▶ _WORK TO BE COMPLETED_:
Among the lines below, restate word for word only those from the line with "fill(e27, e51)" through the line with "p39 = place(p18, origin())", with both end lines kept.

▶ _Collected data entries_:
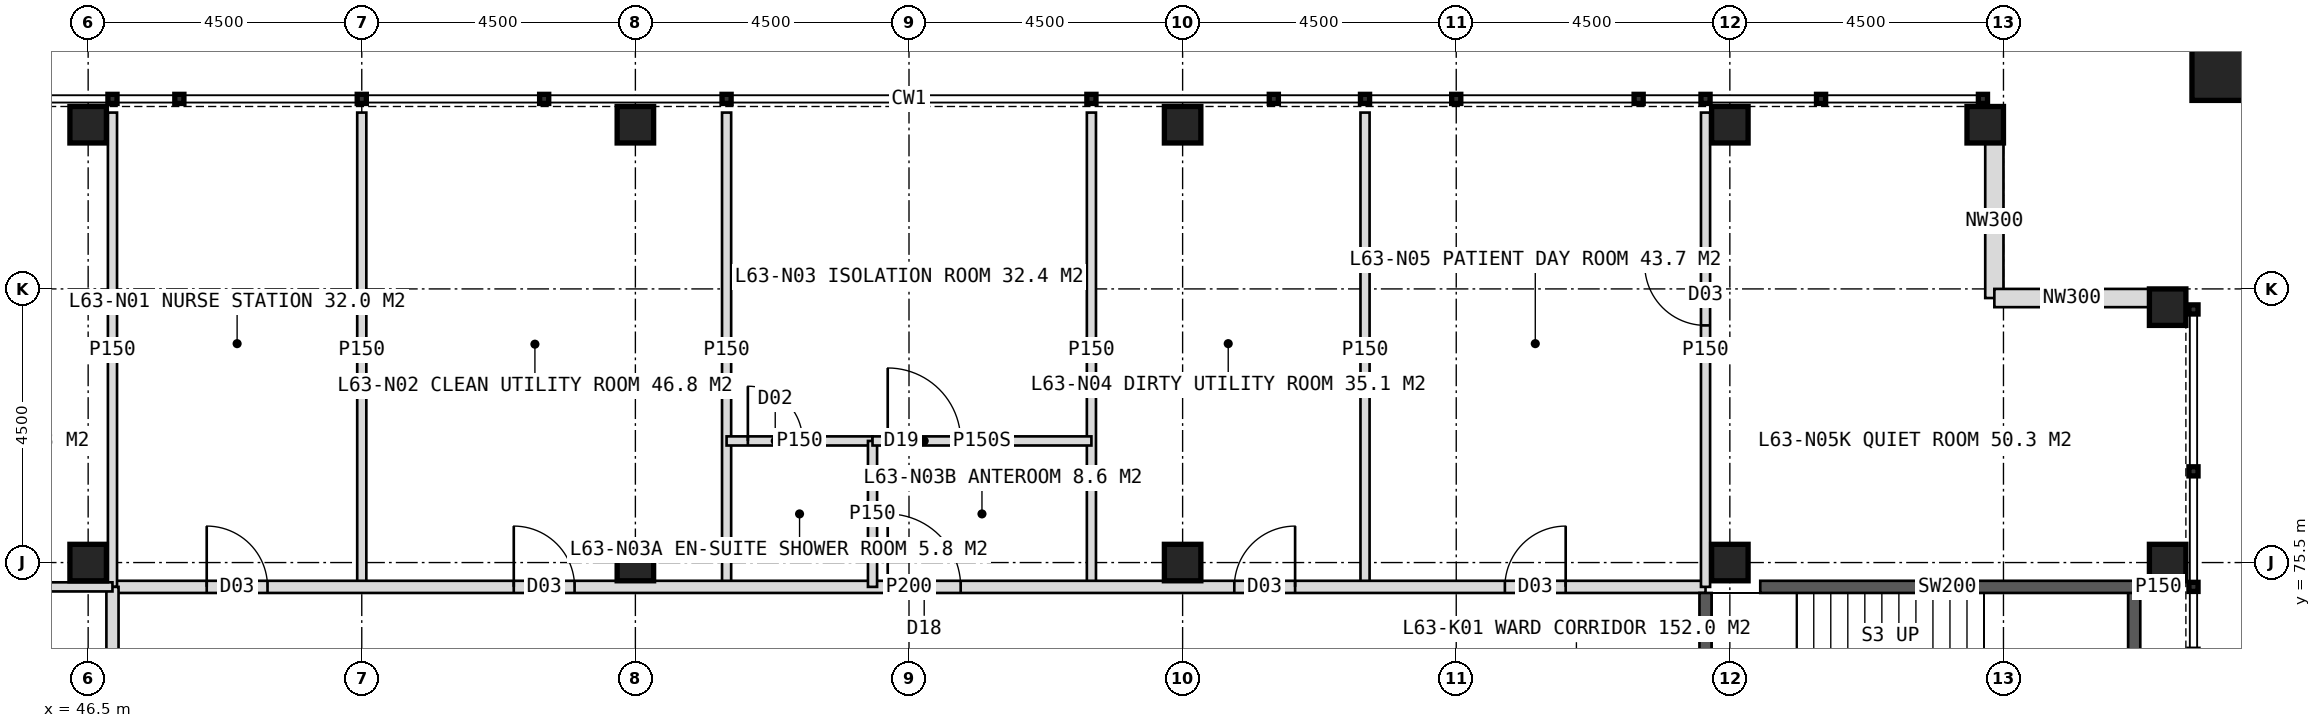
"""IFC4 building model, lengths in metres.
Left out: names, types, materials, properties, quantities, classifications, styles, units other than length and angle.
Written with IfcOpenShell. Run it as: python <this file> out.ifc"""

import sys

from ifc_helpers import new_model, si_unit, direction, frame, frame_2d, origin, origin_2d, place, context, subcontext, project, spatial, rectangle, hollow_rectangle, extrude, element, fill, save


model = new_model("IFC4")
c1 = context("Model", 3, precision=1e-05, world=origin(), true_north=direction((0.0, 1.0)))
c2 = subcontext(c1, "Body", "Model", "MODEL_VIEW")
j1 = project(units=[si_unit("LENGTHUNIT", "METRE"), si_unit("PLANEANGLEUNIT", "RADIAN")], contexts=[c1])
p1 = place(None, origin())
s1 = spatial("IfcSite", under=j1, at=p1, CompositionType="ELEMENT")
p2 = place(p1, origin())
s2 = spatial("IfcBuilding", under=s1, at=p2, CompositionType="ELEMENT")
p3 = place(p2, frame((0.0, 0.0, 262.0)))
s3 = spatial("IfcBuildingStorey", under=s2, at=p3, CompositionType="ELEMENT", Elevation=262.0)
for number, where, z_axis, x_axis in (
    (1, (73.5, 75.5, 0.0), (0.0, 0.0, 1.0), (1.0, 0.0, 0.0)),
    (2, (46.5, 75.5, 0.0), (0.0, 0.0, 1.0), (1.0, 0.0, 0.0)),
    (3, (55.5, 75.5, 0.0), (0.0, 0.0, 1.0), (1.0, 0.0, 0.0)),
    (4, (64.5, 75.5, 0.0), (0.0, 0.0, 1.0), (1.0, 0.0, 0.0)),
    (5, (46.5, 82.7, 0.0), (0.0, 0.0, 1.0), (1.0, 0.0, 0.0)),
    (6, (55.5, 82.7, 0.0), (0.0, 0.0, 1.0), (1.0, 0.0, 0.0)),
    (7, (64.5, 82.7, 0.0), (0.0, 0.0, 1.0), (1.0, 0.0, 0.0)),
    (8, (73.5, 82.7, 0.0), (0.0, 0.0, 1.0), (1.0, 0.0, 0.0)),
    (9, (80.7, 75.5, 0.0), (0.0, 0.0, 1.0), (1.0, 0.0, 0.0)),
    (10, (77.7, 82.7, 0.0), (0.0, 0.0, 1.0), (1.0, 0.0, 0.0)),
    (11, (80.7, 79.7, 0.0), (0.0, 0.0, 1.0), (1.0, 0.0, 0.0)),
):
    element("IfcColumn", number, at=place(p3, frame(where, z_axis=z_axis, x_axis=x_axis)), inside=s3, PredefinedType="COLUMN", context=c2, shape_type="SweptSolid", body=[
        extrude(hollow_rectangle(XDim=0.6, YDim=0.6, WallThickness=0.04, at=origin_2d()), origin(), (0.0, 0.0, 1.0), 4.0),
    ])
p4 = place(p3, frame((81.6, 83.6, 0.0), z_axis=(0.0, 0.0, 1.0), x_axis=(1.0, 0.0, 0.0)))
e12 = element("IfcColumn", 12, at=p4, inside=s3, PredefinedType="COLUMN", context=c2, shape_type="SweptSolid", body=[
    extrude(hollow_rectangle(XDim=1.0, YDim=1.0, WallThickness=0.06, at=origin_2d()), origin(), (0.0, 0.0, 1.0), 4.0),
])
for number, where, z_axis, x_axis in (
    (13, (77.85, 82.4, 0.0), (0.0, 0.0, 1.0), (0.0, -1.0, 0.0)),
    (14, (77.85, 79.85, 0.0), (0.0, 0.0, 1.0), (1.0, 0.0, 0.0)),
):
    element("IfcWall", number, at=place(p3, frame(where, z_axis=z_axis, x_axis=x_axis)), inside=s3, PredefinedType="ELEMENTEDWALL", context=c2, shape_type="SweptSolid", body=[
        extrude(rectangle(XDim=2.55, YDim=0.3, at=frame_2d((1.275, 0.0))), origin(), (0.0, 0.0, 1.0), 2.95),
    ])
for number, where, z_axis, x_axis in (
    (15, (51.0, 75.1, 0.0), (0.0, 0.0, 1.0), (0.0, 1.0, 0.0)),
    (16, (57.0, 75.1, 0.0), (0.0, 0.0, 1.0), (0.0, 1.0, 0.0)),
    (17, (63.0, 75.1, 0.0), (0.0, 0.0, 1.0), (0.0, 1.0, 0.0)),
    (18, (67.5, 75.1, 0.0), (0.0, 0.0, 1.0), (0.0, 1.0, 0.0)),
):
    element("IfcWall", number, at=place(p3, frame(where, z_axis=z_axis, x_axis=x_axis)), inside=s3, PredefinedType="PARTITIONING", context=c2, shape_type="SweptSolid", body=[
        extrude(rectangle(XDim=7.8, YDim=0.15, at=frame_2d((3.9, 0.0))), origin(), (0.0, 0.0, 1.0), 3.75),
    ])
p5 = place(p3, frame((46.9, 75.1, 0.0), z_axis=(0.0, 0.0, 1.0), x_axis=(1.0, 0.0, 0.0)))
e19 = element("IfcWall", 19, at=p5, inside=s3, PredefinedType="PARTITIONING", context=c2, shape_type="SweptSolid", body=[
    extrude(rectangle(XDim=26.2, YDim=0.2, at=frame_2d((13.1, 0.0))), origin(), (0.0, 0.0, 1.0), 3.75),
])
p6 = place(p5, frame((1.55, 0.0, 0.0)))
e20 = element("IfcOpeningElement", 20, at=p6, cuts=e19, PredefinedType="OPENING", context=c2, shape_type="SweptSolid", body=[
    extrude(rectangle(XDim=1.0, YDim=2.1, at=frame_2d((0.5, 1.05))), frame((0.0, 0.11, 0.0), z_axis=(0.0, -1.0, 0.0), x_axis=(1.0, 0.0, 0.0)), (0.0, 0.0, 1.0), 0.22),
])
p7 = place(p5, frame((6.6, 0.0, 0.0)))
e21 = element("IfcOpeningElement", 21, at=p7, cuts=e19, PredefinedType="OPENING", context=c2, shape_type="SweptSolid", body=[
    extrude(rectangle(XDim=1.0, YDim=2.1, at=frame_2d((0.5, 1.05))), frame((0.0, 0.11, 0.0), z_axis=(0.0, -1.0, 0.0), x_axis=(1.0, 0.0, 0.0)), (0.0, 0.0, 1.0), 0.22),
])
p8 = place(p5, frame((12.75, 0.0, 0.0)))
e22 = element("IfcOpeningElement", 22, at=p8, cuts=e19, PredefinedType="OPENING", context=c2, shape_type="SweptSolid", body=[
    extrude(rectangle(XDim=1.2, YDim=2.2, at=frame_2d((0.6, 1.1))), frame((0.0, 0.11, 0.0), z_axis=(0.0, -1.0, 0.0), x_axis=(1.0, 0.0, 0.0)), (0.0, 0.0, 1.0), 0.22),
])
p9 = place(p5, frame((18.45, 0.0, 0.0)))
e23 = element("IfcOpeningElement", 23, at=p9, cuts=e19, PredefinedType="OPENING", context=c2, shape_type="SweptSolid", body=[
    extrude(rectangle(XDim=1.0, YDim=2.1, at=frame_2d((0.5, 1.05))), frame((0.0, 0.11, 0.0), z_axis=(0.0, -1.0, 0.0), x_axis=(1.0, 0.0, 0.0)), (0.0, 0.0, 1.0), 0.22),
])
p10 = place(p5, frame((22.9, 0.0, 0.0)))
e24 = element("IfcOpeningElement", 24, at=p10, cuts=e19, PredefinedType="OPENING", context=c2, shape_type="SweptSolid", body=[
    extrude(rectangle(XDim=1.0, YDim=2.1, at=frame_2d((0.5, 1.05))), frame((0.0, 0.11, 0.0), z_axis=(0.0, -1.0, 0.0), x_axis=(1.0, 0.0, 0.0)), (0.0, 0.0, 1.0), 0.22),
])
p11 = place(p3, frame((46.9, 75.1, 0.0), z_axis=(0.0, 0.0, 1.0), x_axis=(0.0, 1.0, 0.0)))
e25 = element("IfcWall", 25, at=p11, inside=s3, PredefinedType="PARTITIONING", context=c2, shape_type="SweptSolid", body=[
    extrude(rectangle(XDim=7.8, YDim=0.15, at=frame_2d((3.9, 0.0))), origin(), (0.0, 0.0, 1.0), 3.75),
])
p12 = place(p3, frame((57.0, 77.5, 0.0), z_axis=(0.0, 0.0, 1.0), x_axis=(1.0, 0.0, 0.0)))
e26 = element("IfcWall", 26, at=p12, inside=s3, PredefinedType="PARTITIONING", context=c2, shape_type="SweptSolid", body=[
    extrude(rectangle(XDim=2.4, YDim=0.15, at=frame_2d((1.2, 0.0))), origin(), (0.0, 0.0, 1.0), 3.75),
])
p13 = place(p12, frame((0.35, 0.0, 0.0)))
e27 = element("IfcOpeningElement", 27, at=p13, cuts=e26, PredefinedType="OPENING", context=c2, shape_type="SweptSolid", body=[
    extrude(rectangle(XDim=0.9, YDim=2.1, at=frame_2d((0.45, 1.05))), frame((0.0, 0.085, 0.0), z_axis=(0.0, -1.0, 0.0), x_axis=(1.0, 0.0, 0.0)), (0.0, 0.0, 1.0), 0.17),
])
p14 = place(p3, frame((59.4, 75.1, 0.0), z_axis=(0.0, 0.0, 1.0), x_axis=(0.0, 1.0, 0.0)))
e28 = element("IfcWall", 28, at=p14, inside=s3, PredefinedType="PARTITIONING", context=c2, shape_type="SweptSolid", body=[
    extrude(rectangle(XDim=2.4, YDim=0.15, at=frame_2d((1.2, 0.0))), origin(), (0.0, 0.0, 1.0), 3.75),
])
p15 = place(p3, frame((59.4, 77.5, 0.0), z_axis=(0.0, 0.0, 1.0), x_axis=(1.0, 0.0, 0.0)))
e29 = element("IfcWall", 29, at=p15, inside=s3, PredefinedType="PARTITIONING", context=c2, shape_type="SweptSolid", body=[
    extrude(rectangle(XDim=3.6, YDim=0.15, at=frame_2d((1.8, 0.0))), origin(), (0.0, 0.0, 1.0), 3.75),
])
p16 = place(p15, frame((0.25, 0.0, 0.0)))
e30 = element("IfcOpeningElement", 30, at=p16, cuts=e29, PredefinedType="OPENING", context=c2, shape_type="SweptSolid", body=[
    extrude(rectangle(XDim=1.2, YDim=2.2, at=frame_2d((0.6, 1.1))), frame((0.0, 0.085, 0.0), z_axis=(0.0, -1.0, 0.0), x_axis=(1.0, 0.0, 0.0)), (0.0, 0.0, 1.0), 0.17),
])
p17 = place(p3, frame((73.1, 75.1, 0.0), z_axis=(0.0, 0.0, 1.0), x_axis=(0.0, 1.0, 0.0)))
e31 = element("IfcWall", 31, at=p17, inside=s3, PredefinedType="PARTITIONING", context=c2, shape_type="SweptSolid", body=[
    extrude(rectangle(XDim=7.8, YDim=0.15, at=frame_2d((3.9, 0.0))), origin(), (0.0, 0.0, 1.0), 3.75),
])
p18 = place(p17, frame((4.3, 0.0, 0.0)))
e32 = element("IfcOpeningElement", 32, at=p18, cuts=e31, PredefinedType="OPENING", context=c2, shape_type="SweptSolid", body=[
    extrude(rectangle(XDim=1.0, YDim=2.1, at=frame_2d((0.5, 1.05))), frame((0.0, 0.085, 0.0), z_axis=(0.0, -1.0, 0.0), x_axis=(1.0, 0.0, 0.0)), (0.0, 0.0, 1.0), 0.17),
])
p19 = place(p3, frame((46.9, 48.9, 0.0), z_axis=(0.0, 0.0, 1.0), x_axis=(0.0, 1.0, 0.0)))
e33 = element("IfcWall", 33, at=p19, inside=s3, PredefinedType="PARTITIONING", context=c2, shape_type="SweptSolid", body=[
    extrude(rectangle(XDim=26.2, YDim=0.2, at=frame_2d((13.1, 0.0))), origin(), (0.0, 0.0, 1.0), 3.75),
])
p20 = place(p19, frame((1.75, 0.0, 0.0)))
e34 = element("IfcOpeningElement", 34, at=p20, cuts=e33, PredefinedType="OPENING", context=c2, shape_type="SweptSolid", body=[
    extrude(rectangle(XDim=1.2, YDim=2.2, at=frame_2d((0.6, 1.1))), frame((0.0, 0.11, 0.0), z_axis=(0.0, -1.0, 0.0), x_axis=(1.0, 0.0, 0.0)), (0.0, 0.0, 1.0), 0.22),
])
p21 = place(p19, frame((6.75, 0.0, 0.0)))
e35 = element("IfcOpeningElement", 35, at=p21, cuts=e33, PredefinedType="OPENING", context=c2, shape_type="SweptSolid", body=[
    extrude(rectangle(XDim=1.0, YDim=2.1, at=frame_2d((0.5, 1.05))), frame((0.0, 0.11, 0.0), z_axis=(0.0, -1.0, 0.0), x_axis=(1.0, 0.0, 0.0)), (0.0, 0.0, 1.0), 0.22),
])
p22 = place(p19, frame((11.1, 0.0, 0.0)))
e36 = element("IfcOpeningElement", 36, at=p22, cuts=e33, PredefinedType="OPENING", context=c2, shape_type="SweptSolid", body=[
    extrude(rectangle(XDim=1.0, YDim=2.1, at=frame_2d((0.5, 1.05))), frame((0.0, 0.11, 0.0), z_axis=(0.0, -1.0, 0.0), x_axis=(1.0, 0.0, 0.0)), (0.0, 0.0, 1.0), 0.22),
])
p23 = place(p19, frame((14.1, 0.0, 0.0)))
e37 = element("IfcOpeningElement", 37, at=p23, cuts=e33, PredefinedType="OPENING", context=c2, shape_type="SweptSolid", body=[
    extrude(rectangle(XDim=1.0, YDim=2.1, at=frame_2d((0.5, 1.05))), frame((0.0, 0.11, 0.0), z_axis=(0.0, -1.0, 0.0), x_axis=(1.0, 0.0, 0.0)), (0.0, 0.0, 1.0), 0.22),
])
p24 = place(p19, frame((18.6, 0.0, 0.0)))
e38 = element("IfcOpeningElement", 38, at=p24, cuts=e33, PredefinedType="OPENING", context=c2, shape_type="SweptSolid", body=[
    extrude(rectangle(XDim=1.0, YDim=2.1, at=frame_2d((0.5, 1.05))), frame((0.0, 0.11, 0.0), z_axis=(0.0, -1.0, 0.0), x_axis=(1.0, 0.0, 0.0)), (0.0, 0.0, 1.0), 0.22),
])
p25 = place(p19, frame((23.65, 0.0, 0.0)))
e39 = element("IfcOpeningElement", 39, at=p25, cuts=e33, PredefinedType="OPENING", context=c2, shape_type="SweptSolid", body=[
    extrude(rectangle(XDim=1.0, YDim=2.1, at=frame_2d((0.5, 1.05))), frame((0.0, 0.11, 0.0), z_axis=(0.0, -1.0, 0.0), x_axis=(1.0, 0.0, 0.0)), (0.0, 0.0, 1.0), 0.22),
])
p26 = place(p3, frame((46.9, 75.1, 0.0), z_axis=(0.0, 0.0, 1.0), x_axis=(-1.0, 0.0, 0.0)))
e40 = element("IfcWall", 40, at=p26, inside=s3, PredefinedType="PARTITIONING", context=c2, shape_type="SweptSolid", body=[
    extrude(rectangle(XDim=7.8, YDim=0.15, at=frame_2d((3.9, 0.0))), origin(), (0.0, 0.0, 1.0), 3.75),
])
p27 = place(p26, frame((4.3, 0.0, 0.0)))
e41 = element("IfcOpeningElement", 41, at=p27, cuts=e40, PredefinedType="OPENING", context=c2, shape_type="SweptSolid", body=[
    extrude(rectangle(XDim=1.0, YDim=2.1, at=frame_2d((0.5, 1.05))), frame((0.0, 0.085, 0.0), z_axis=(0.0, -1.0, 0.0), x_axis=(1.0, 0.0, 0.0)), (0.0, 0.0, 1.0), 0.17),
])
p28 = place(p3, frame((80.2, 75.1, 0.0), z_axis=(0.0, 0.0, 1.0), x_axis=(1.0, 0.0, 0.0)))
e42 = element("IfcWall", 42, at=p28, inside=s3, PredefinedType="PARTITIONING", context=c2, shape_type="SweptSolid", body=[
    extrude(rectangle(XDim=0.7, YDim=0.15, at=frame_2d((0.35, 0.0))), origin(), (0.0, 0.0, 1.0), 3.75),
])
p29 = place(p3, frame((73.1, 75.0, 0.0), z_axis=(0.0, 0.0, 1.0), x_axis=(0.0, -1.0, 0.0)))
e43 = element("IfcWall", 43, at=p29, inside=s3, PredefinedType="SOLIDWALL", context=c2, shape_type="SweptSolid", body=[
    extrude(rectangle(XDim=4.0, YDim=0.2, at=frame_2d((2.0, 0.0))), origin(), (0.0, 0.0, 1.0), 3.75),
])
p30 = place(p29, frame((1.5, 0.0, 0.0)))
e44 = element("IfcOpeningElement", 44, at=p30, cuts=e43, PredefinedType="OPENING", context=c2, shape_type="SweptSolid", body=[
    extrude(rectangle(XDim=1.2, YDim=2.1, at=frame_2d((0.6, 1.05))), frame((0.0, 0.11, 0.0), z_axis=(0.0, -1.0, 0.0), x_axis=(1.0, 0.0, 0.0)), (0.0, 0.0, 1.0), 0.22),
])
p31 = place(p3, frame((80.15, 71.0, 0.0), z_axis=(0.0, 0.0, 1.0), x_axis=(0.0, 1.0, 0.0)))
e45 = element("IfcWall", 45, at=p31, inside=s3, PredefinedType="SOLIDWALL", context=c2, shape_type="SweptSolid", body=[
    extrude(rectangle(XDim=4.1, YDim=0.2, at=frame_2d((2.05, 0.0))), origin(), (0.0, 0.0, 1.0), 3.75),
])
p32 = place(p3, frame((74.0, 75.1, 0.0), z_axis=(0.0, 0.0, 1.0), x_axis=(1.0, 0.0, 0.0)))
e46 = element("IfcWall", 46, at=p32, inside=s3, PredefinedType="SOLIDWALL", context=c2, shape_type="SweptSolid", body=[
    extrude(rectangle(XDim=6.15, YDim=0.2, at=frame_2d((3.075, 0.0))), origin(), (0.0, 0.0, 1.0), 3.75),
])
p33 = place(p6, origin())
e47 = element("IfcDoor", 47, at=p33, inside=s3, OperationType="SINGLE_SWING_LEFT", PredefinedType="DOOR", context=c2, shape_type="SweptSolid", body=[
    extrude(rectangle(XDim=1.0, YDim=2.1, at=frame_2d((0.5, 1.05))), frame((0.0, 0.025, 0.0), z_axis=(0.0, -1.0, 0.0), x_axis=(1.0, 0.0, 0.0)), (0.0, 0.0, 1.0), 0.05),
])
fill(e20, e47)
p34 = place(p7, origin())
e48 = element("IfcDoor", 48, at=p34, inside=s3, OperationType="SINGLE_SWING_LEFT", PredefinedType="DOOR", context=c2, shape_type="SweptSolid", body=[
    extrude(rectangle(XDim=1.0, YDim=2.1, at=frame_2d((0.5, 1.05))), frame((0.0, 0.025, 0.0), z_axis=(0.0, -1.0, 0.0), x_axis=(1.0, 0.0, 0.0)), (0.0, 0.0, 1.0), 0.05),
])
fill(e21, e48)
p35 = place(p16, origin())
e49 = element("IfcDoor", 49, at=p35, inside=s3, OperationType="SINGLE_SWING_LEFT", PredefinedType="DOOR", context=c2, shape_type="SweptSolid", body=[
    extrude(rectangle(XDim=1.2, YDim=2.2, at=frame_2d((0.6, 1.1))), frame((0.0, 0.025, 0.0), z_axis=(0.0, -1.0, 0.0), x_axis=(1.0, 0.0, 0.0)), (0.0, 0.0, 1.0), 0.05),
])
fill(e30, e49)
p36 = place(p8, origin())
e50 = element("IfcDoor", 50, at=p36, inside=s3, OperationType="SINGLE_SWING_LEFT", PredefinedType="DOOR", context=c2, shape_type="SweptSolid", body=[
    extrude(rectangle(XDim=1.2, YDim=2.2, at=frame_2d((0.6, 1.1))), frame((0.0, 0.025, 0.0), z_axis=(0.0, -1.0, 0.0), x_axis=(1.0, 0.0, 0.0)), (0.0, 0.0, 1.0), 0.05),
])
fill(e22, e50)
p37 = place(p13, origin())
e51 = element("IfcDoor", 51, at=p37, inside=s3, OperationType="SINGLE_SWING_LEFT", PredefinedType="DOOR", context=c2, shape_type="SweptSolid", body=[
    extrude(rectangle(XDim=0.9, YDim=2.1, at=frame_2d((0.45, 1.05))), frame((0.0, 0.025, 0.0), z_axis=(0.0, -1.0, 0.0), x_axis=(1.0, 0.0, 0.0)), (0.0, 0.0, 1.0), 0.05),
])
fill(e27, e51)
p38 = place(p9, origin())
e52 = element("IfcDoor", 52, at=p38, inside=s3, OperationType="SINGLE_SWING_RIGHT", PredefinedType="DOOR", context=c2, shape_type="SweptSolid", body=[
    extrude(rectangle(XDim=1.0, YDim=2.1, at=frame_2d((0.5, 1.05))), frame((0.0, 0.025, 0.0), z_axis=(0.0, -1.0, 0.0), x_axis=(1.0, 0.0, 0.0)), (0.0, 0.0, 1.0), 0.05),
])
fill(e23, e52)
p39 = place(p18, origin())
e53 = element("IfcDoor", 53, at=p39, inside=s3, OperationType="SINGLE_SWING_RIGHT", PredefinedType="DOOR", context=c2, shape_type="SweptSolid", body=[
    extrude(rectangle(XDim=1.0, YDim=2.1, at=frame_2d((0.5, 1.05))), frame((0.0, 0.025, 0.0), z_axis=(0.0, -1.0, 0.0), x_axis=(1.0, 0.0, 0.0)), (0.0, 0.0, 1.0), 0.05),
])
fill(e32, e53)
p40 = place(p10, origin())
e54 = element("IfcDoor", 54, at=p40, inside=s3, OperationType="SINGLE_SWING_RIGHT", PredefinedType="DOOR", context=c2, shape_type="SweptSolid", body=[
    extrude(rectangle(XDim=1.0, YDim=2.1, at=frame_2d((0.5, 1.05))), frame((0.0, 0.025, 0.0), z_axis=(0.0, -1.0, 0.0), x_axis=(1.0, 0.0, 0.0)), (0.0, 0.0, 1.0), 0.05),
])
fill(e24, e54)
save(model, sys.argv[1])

▶ _RESULT FOR THIS EXERCISE_:
fill(e27, e51)
p38 = place(p9, origin())
e52 = element("IfcDoor", 52, at=p38, inside=s3, OperationType="SINGLE_SWING_RIGHT", PredefinedType="DOOR", context=c2, shape_type="SweptSolid", body=[
    extrude(rectangle(XDim=1.0, YDim=2.1, at=frame_2d((0.5, 1.05))), frame((0.0, 0.025, 0.0), z_axis=(0.0, -1.0, 0.0), x_axis=(1.0, 0.0, 0.0)), (0.0, 0.0, 1.0), 0.05),
])
fill(e23, e52)
p39 = place(p18, origin())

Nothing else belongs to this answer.